─── Data records ───

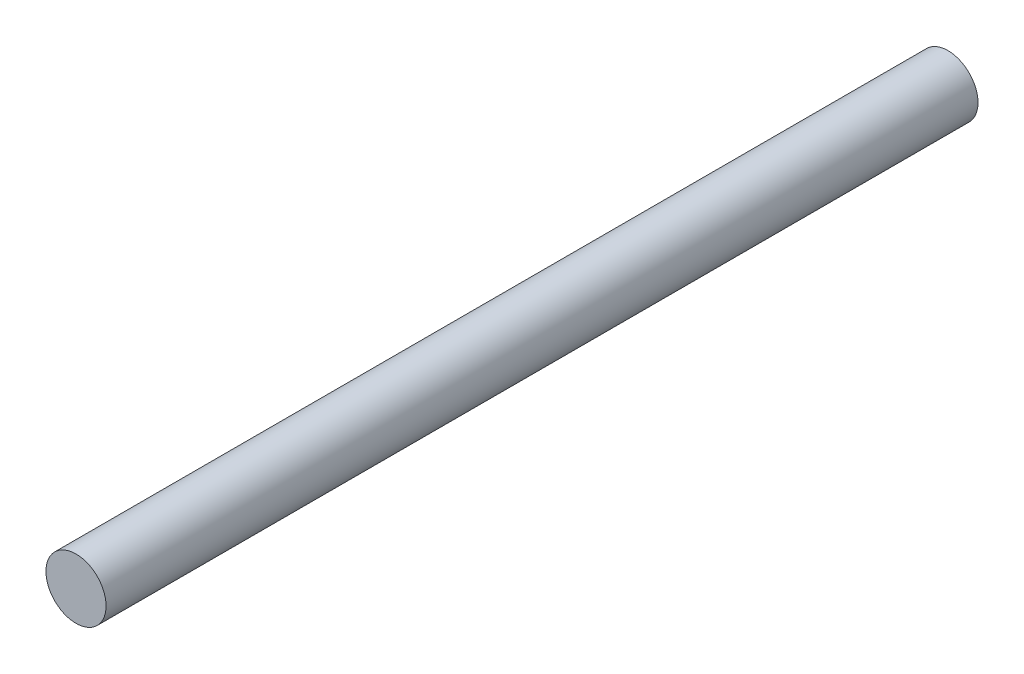
from build123d import *

# Parameters (mm, degrees)
SKETCH_1_R      = 10
EXTRUDE_1_DEPTH = 145


with BuildPart() as part:
    # 草图1 → 凸台-拉伸1 (new, symmetric)
    with BuildSketch(Plane.XY):
        Circle(SKETCH_1_R)
    extrude(amount=EXTRUDE_1_DEPTH, both=True)


solid = part.part
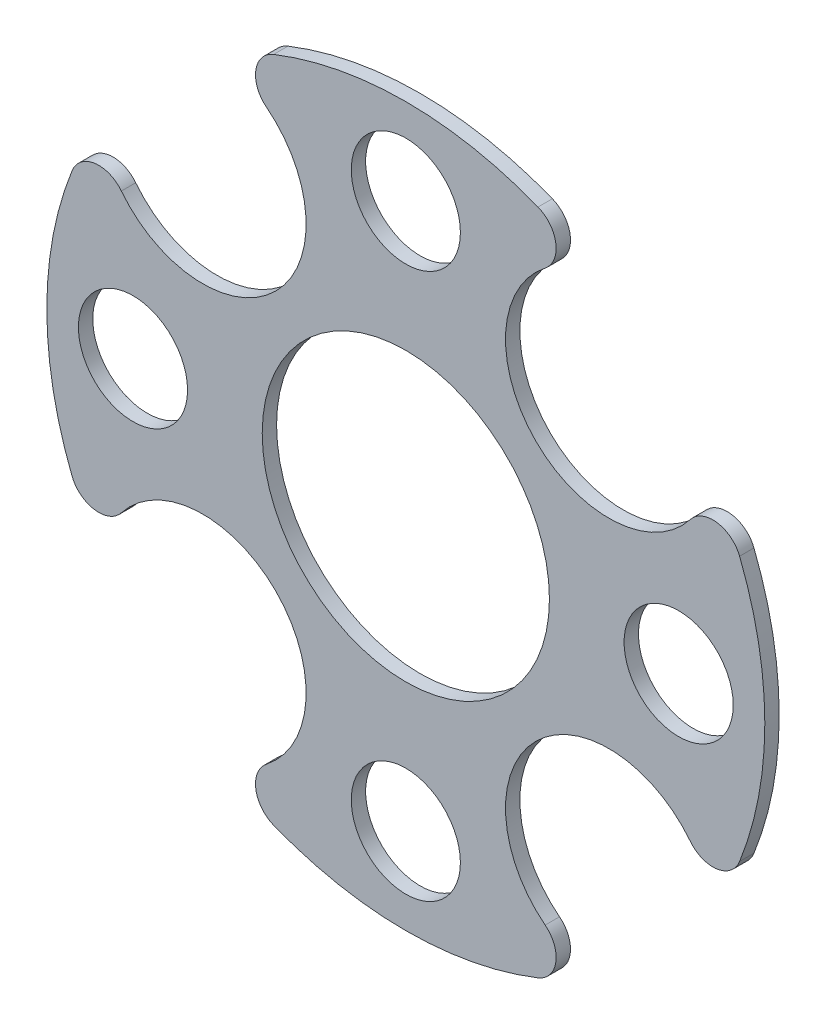
SolidWorks part; units mm, degrees
material "H62"
ref_plane "Front Plane" through (0, 0, 0) normal (0, 0, 1) x (1, 0, 0)
ref_plane "Top Plane" through (0, 0, 0) normal (0, 1, 0) x (1, 0, 0)
ref_plane "Right Plane" through (0, 0, 0) normal (1, 0, 0) x (0, 0, -1)
sketch "Sketch1" plane through (0, 0, 0) normal (0, 0, 1) x (1, 0, 0)
  line L0 (0, 0) -> (0, 31.2951) construction
  line L1 (0, 0) -> (40.2652, 0) construction
  line L2 (7.0711, 7.0711) -> (-7.0711, -7.0711) construction
  line L3 (-7.0711, 7.0711) -> (7.0711, -7.0711) construction
  arc A0 (-11.6219, 4.6024) -> (-11.6219, -4.6024) centre (0, 0) ccw
  arc A1 (-4.8509, 9.9049) -> (-9.9049, 4.8509) centre (-7.0711, 7.0711) cw
  arc A2 (4.8509, 9.9049) -> (9.9049, 4.8509) centre (7.0711, 7.0711) ccw
  arc A3 (4.8509, -9.9049) -> (9.9049, -4.8509) centre (7.0711, -7.0711) cw
  arc A4 (-4.8509, -9.9049) -> (-9.9049, -4.8509) centre (-7.0711, -7.0711) ccw
  arc A5 (-4.6024, -11.6219) -> (4.6024, -11.6219) centre (0, 0) ccw
  arc A6 (11.6219, -4.6024) -> (11.6219, 4.6024) centre (0, 0) ccw
  arc A7 (4.6024, 11.6219) -> (-4.6024, 11.6219) centre (0, 0) ccw
  arc A8 (9.9049, -4.8509) -> (11.6219, -4.6024) centre (10.6921, -4.2342) ccw
  arc A9 (4.8509, -9.9049) -> (4.6024, -11.6219) centre (4.2342, -10.6921) cw
  arc A10 (-4.8509, -9.9049) -> (-4.6024, -11.6219) centre (-4.2342, -10.6921) ccw
  arc A11 (-9.9049, -4.8509) -> (-11.6219, -4.6024) centre (-10.6921, -4.2342) cw
  arc A12 (4.8509, 9.9049) -> (4.6024, 11.6219) centre (4.2342, 10.6921) ccw
  arc A13 (-4.8509, 9.9049) -> (-4.6024, 11.6219) centre (-4.2342, 10.6921) cw
  arc A14 (9.9049, 4.8509) -> (11.6219, 4.6024) centre (10.6921, 4.2342) cw
  arc A15 (-9.9049, 4.8509) -> (-11.6219, 4.6024) centre (-10.6921, 4.2342) ccw
  circle A16 centre (0, 0) radius 10 construction
  circle A17 centre (0, 0) radius 5
  circle A18 centre (0, 9.5) radius 1.9
  circle A19 centre (0, 0) radius 9.5 construction
  circle A20 centre (9.5, 0) radius 1.9
  circle A21 centre (0, -9.5) radius 1.9
  circle A22 centre (-9.5, 0) radius 1.9
  dimension "D1" = 25
  dimension "D2" = 7.2
  dimension "D3" = 1
  dimension "D4" = 20
  dimension "D6" = 10
  dimension "D7" = 19
  dimension "D8" = 3.8
  dimension "D5" = 45
extrude "Boss-Extrude1" add sketch "Sketch1" along normal blind 0.5
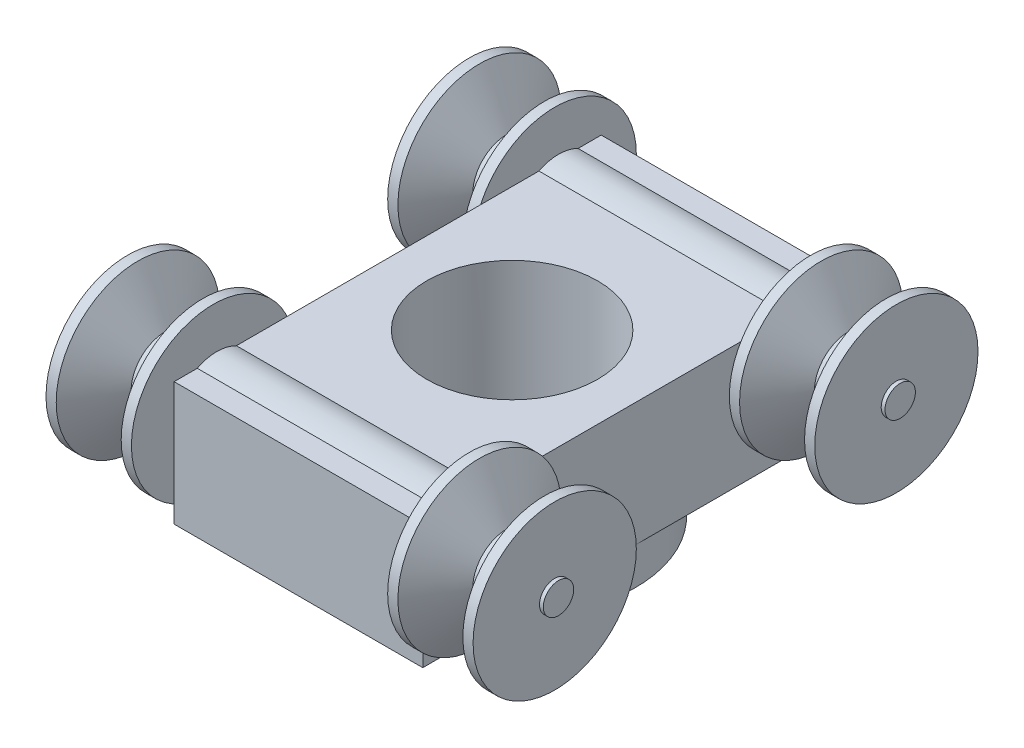
from build123d import *

# Parameters (mm, degrees)
LPATTERN1_COUNT          = 2
LPATTERN1_PITCH          = 180
SKETCH3_R                = 22.5
BOSS_EXTRUDE2_DEPTH      = 135
SKETCH4_R                = 30.412434653
SKETCH4_R_2              = 16
CUT_EXTRUDE1_DEPTH       = 2
SKETCH5_R                = 8
BOSS_EXTRUDE3_DEPTH      = 47
LPATTERN2_COUNT          = 2
LPATTERN2_PITCH          = 180
BOSS_EXTRUDE4_DEPTH      = 20
BOSS_EXTRUDE4_DEPTH_BACK = 45
SKETCH6_W                = 131
SKETCH6_H                = 225
SKETCH7_R                = 65
BOSS_EXTRUDE5_DEPTH      = 20
CUT_EXTRUDE2_DEPTH       = 342.400058582
CUT_EXTRUDE2_DEPTH_BACK  = 342.400058582
SKETCH8_R                = 45


with BuildPart() as part:
    # Sketch2 → Revolve1 (revolve)
    with BuildSketch(Plane(origin=(0, 0, 0), x_dir=(1, 0, 0), z_dir=(0, 1, 0)), mode=Mode.PRIVATE) as revolve1_sk:
        Polygon((0, 0), (0, 35), (5.386751346, 35), (19.820508076, 10), (25.179491924, 10), (39.613248654, 35), (45, 35), (45, 0), align=None)
    revolve(revolve1_sk.sketch.rotate(Axis((10.892128266, 0, 8), (1, 0, 0)), 180), axis=Axis((10.892128266, 0, 8), (1, 0, 0)))


with BuildPart() as lpattern1_1:
    # LPattern1: pattern copy
    add(part.part.moved(Location(Vector(1, 0, 0) * (1 * LPATTERN1_PITCH))))


with BuildPart() as part_1:
    add(part.part)

    add(lpattern1_1.part)  # Boss-Extrude2 merges LPattern1_1
    # Sketch3 → Boss-Extrude2 (add)
    with BuildSketch(Plane(origin=(45, 0, 0), x_dir=(0, 0, -1), z_dir=(1, 0, 0))):
        with Locations(Location((-8, 0, 0), (0, 0, 180))):
            Circle(SKETCH3_R)
    extrude(amount=BOSS_EXTRUDE2_DEPTH)

    # Sketch4 → Cut-Extrude1 (cut)
    with BuildSketch(Plane(origin=(45, 0, 0), x_dir=(0, 0, -1), z_dir=(1, 0, 0))):
        with Locations((-8, 0)):
            Circle(SKETCH4_R)
        with Locations((-8, 0)):
            Circle(SKETCH4_R_2, mode=Mode.SUBTRACT)
    cut_extrude1 = extrude(amount=CUT_EXTRUDE1_DEPTH, mode=Mode.SUBTRACT)

    # Mirror1: Cut-Extrude1 across plane
    add(cut_extrude1.mirror(Plane.ZY.offset(-112.5)), mode=Mode.SUBTRACT)

    # Sketch5 → Boss-Extrude3 (add)
    with BuildSketch(Plane(origin=(180, 0, 0), x_dir=(0, 0, -1), z_dir=(1, 0, 0))):
        with Locations(Location((-8, 0, 0), (0, 0, 180))):
            Circle(SKETCH5_R)
    boss_extrude3 = extrude(amount=BOSS_EXTRUDE3_DEPTH)

    # Mirror2: Boss-Extrude3 across plane
    add(boss_extrude3.mirror(Plane.ZY.offset(-112.5)))


with BuildPart() as lpattern2_1:
    # LPattern2: pattern copy
    add(part_1.part.moved(Location(Vector(0, 0, 1) * (1 * LPATTERN2_PITCH))))


with BuildPart() as part_2:
    add(part_1.part)

    add(lpattern2_1.part)  # Boss-Extrude4 merges LPattern2_1
    # Sketch6 → Boss-Extrude4 (add, two sides: drawn at the far end of the back side and taken through both)
    with BuildSketch(Plane(origin=(0, 0, 0), x_dir=(1, 0, 0), z_dir=(0, 1, 0)).offset(-BOSS_EXTRUDE4_DEPTH_BACK)):
        with Locations((112.5, -98)):
            Rectangle(SKETCH6_W, SKETCH6_H)
    extrude(amount=BOSS_EXTRUDE4_DEPTH + BOSS_EXTRUDE4_DEPTH_BACK)

    # Sketch7 → Boss-Extrude5 (add)
    with BuildSketch(Plane.XZ.offset(45)):
        with Locations(Location((112.5, 97.931490015, 0), (0, 0, 270))):
            Circle(SKETCH7_R)
    extrude(amount=BOSS_EXTRUDE5_DEPTH)

    # Sketch8 → Cut-Extrude2 (cut, two sides: drawn at the far end of the back side and taken through both)
    with BuildSketch(Plane.XZ.offset(65).offset(-CUT_EXTRUDE2_DEPTH_BACK)):
        with Locations(Location((112.5, 97.931490015, 0), (0, 0, 270))):
            Circle(SKETCH8_R)
    extrude(amount=CUT_EXTRUDE2_DEPTH + CUT_EXTRUDE2_DEPTH_BACK, mode=Mode.SUBTRACT)


solid = part_2.part
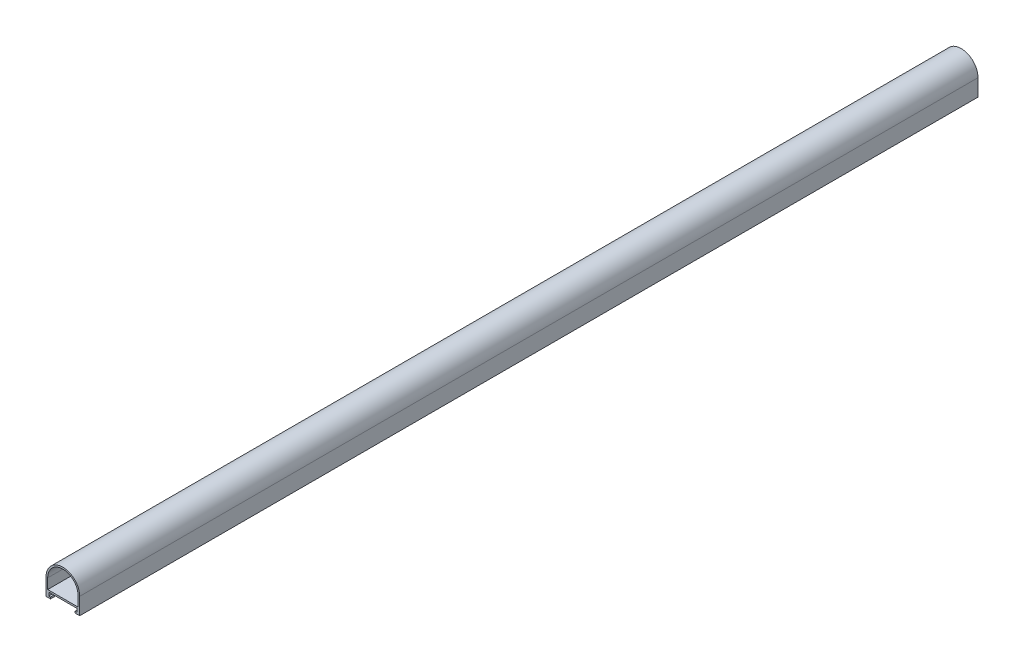
SolidWorks part; units mm, degrees
ref_plane "Front Plane" through (0, 0, 0) normal (0, 0, 1) x (1, 0, 0)
ref_plane "Top Plane" through (0, 0, 0) normal (0, 1, 0) x (1, 0, 0)
ref_plane "Right Plane" through (0, 0, 0) normal (1, 0, 0) x (0, 0, -1)
other "Configuration Table"
sketch "Sketch1" plane through (0, 0, 0) normal (0, 0, 1) x (1, 0, 0)
  line L1 (-25.7644, 0) -> (-25.7644, -15)
  line L2 (-25.7644, -15) -> (-55.7644, -15)
  line L3 (-55.7644, -15) -> (-55.7644, 0)
  arc A0 (-25.7644, 0) -> (-55.7644, 0) centre (-40.7644, 0) ccw
extrude "Boss-Extrude1" add sketch "Sketch1" along normal blind 800
sketch "Sketch2" plane through (0, 0, 800) normal (0, 0, 1) x (1, 0, 0)
  line L0 (-40.7644, 0) -> (-40.7644, -9) construction
  line L1 (-40.7644, -9) -> (-25.7644, -9) construction
  line L2 (-25.7644, -15) -> (-25.7644, 0) construction
  line L3 (-25.7644, -9) -> (-55.7644, -9) construction
  line L4 (-55.7644, 0) -> (-55.7644, -15) construction
  line L5 (-27.2644, 0) -> (-27.2644, -9)
  line L6 (-54.2644, 0) -> (-54.2644, -9)
  line L7 (-54.2644, -9) -> (-27.2644, -9)
  arc A0 (-27.2644, 0) -> (-54.2644, 0) centre (-40.7644, 0) ccw
  arc A1 (-25.7644, 0) -> (-55.7644, 0) centre (-40.7644, 0) ccw construction
  dimension "D1" = 1.5
extrude "Cut-Extrude1" cut sketch "Sketch2" against normal blind 800
sketch "Sketch3" plane through (0, 0, 800) normal (0, 0, 1) x (1, 0, 0)
  line L0 (-55.7644, -15) -> (-51.7644, -15) construction
  line L1 (-55.7644, -15) -> (-25.7644, -15) construction
  line L2 (-51.7644, -15) -> (-51.7644, -13.5)
  line L3 (-51.7644, -13.5) -> (-53.2644, -13.5)
  line L4 (-53.2644, -13.5) -> (-53.2644, -10.5)
  line L5 (-25.7644, -15) -> (-29.7644, -15) construction
  line L6 (-29.7644, -15) -> (-29.7644, -13.5)
  line L7 (-29.7644, -13.5) -> (-28.2644, -13.5)
  line L8 (-28.2644, -13.5) -> (-28.2644, -10.5)
  line L9 (-28.2644, -10.5) -> (-53.2644, -10.5)
  line L10 (-51.7644, -15) -> (-29.7644, -15)
extrude "Cut-Extrude2" cut sketch "Sketch3" against normal through all

───

- **Exercise**: Please repeat exactly the data above from its first line to the line that contains "arc A13 (-4.8509, 9.9049)", inclusive, and leave every picture out.

- **Result**:
from build123d import *

# Parameters (mm, degrees)
SKETCH_1_R      = 10
EXTRUDE_1_DEPTH = 145


with BuildPart() as part:
    # 草图1 → 凸台-拉伸1 (new, symmetric)
    with BuildSketch(Plane.XY):
        Circle(SKETCH_1_R)
    extrude(amount=EXTRUDE_1_DEPTH, both=True)


solid = part.part
SolidWorks part; units mm, degrees
material "H62"
ref_plane "Front Plane" through (0, 0, 0) normal (0, 0, 1) x (1, 0, 0)
ref_plane "Top Plane" through (0, 0, 0) normal (0, 1, 0) x (1, 0, 0)
ref_plane "Right Plane" through (0, 0, 0) normal (1, 0, 0) x (0, 0, -1)
sketch "Sketch1" plane through (0, 0, 0) normal (0, 0, 1) x (1, 0, 0)
  line L0 (0, 0) -> (0, 31.2951) construction
  line L1 (0, 0) -> (40.2652, 0) construction
  line L2 (7.0711, 7.0711) -> (-7.0711, -7.0711) construction
  line L3 (-7.0711, 7.0711) -> (7.0711, -7.0711) construction
  arc A0 (-11.6219, 4.6024) -> (-11.6219, -4.6024) centre (0, 0) ccw
  arc A1 (-4.8509, 9.9049) -> (-9.9049, 4.8509) centre (-7.0711, 7.0711) cw
  arc A2 (4.8509, 9.9049) -> (9.9049, 4.8509) centre (7.0711, 7.0711) ccw
  arc A3 (4.8509, -9.9049) -> (9.9049, -4.8509) centre (7.0711, -7.0711) cw
  arc A4 (-4.8509, -9.9049) -> (-9.9049, -4.8509) centre (-7.0711, -7.0711) ccw
  arc A5 (-4.6024, -11.6219) -> (4.6024, -11.6219) centre (0, 0) ccw
  arc A6 (11.6219, -4.6024) -> (11.6219, 4.6024) centre (0, 0) ccw
  arc A7 (4.6024, 11.6219) -> (-4.6024, 11.6219) centre (0, 0) ccw
  arc A8 (9.9049, -4.8509) -> (11.6219, -4.6024) centre (10.6921, -4.2342) ccw
  arc A9 (4.8509, -9.9049) -> (4.6024, -11.6219) centre (4.2342, -10.6921) cw
  arc A10 (-4.8509, -9.9049) -> (-4.6024, -11.6219) centre (-4.2342, -10.6921) ccw
  arc A11 (-9.9049, -4.8509) -> (-11.6219, -4.6024) centre (-10.6921, -4.2342) cw
  arc A12 (4.8509, 9.9049) -> (4.6024, 11.6219) centre (4.2342, 10.6921) ccw
  arc A13 (-4.8509, 9.9049) -> (-4.6024, 11.6219) centre (-4.2342, 10.6921) cw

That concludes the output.